[TASK ITEM]
An exact copy of the entries, with every picture omitted, is what is needed here.

[RECORDS SHOWN]
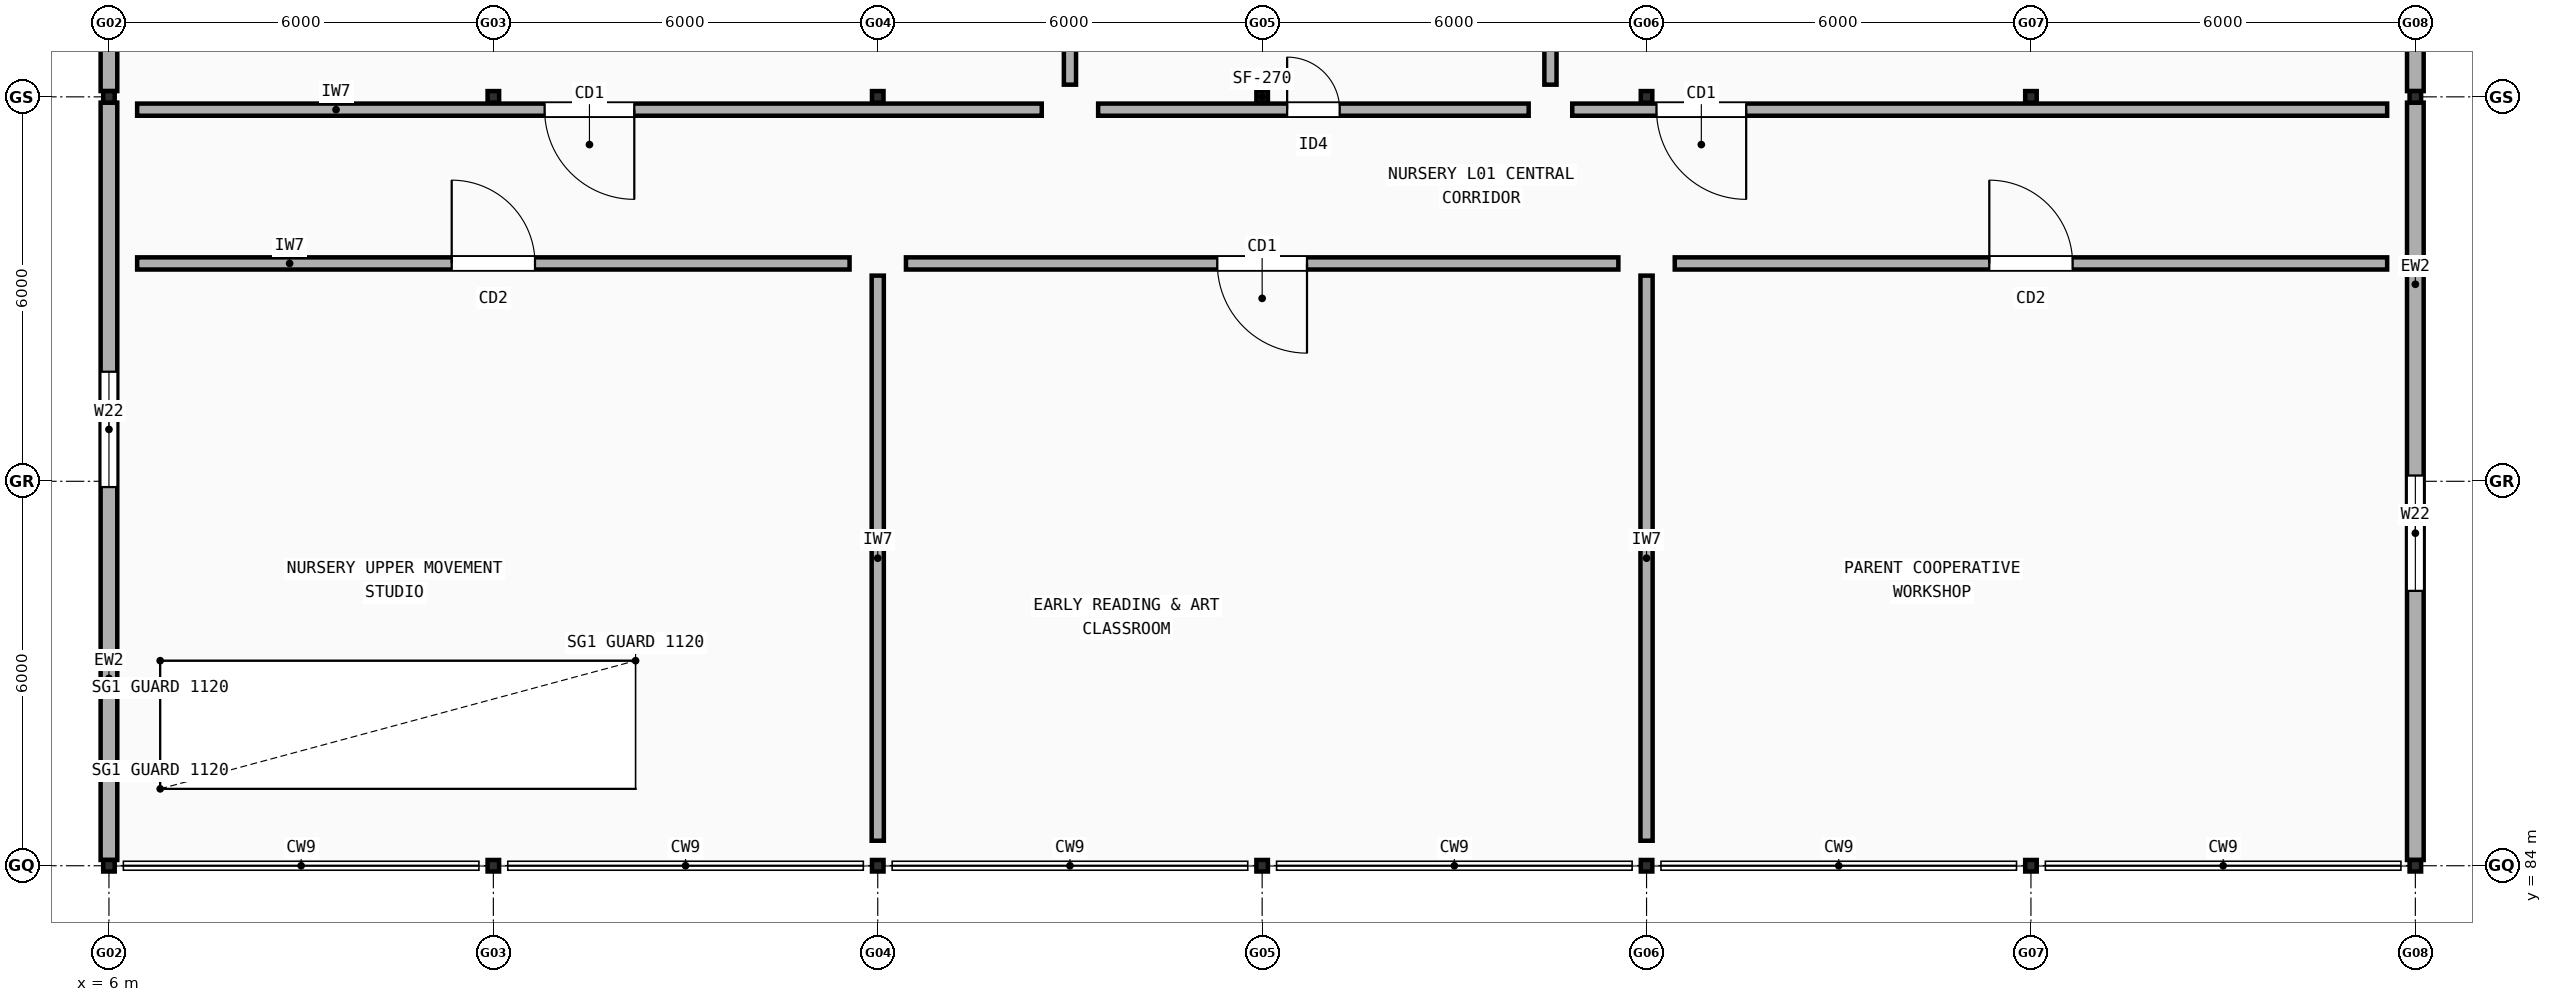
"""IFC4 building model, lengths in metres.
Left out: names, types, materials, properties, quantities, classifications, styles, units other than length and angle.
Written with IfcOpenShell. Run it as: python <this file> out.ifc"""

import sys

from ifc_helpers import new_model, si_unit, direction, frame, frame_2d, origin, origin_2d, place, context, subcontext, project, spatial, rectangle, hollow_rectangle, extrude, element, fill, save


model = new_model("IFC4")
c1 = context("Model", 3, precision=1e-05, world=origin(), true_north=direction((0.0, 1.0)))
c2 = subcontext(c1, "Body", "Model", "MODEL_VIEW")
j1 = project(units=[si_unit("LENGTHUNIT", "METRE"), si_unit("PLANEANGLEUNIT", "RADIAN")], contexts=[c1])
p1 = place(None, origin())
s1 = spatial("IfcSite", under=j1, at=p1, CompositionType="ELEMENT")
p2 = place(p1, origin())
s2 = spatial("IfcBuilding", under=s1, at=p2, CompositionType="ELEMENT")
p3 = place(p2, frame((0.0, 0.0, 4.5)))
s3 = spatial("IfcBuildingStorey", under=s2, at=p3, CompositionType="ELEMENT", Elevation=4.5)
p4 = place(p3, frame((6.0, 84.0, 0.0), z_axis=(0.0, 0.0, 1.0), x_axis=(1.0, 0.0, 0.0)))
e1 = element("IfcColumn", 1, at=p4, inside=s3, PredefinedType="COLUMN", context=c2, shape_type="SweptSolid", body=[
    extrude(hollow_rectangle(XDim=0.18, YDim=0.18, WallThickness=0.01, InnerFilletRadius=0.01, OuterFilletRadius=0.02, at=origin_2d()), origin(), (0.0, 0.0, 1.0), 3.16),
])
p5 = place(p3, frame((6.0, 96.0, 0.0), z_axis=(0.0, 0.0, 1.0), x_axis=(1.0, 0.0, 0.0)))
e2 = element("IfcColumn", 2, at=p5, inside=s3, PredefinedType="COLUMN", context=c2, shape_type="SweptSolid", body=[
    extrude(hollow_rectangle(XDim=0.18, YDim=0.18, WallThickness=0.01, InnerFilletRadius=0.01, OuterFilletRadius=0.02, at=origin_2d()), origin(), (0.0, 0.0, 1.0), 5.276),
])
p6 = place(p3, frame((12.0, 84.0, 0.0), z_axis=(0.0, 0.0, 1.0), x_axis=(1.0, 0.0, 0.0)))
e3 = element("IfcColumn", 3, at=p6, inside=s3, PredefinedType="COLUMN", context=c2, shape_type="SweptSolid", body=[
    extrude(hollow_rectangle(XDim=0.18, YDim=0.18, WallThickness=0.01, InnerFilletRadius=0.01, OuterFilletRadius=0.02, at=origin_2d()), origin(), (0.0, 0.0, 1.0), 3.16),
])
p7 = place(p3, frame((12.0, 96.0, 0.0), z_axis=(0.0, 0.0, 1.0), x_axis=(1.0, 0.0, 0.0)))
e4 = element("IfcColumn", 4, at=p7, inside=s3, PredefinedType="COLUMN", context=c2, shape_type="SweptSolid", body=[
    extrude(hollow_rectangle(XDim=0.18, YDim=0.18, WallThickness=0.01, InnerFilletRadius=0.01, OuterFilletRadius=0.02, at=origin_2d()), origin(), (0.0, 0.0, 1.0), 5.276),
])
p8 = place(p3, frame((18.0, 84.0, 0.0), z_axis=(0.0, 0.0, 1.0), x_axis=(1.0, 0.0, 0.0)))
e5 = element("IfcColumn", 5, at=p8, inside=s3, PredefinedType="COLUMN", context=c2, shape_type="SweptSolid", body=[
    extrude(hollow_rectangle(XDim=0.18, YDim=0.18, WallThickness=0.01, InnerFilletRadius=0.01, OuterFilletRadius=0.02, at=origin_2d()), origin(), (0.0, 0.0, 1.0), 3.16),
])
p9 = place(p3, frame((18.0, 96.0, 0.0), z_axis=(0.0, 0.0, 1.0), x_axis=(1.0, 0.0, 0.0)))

[ANSWER BOX]
"""IFC4 building model, lengths in metres.
Left out: names, types, materials, properties, quantities, classifications, styles, units other than length and angle.
Written with IfcOpenShell. Run it as: python <this file> out.ifc"""

import sys

from ifc_helpers import new_model, si_unit, direction, frame, frame_2d, origin, origin_2d, place, context, subcontext, project, spatial, rectangle, hollow_rectangle, extrude, element, fill, save


model = new_model("IFC4")
c1 = context("Model", 3, precision=1e-05, world=origin(), true_north=direction((0.0, 1.0)))
c2 = subcontext(c1, "Body", "Model", "MODEL_VIEW")
j1 = project(units=[si_unit("LENGTHUNIT", "METRE"), si_unit("PLANEANGLEUNIT", "RADIAN")], contexts=[c1])
p1 = place(None, origin())
s1 = spatial("IfcSite", under=j1, at=p1, CompositionType="ELEMENT")
p2 = place(p1, origin())
s2 = spatial("IfcBuilding", under=s1, at=p2, CompositionType="ELEMENT")
p3 = place(p2, frame((0.0, 0.0, 4.5)))
s3 = spatial("IfcBuildingStorey", under=s2, at=p3, CompositionType="ELEMENT", Elevation=4.5)
p4 = place(p3, frame((6.0, 84.0, 0.0), z_axis=(0.0, 0.0, 1.0), x_axis=(1.0, 0.0, 0.0)))
e1 = element("IfcColumn", 1, at=p4, inside=s3, PredefinedType="COLUMN", context=c2, shape_type="SweptSolid", body=[
    extrude(hollow_rectangle(XDim=0.18, YDim=0.18, WallThickness=0.01, InnerFilletRadius=0.01, OuterFilletRadius=0.02, at=origin_2d()), origin(), (0.0, 0.0, 1.0), 3.16),
])
p5 = place(p3, frame((6.0, 96.0, 0.0), z_axis=(0.0, 0.0, 1.0), x_axis=(1.0, 0.0, 0.0)))
e2 = element("IfcColumn", 2, at=p5, inside=s3, PredefinedType="COLUMN", context=c2, shape_type="SweptSolid", body=[
    extrude(hollow_rectangle(XDim=0.18, YDim=0.18, WallThickness=0.01, InnerFilletRadius=0.01, OuterFilletRadius=0.02, at=origin_2d()), origin(), (0.0, 0.0, 1.0), 5.276),
])
p6 = place(p3, frame((12.0, 84.0, 0.0), z_axis=(0.0, 0.0, 1.0), x_axis=(1.0, 0.0, 0.0)))
e3 = element("IfcColumn", 3, at=p6, inside=s3, PredefinedType="COLUMN", context=c2, shape_type="SweptSolid", body=[
    extrude(hollow_rectangle(XDim=0.18, YDim=0.18, WallThickness=0.01, InnerFilletRadius=0.01, OuterFilletRadius=0.02, at=origin_2d()), origin(), (0.0, 0.0, 1.0), 3.16),
])
p7 = place(p3, frame((12.0, 96.0, 0.0), z_axis=(0.0, 0.0, 1.0), x_axis=(1.0, 0.0, 0.0)))
e4 = element("IfcColumn", 4, at=p7, inside=s3, PredefinedType="COLUMN", context=c2, shape_type="SweptSolid", body=[
    extrude(hollow_rectangle(XDim=0.18, YDim=0.18, WallThickness=0.01, InnerFilletRadius=0.01, OuterFilletRadius=0.02, at=origin_2d()), origin(), (0.0, 0.0, 1.0), 5.276),
])
p8 = place(p3, frame((18.0, 84.0, 0.0), z_axis=(0.0, 0.0, 1.0), x_axis=(1.0, 0.0, 0.0)))
e5 = element("IfcColumn", 5, at=p8, inside=s3, PredefinedType="COLUMN", context=c2, shape_type="SweptSolid", body=[
    extrude(hollow_rectangle(XDim=0.18, YDim=0.18, WallThickness=0.01, InnerFilletRadius=0.01, OuterFilletRadius=0.02, at=origin_2d()), origin(), (0.0, 0.0, 1.0), 3.16),
])
p9 = place(p3, frame((18.0, 96.0, 0.0), z_axis=(0.0, 0.0, 1.0), x_axis=(1.0, 0.0, 0.0)))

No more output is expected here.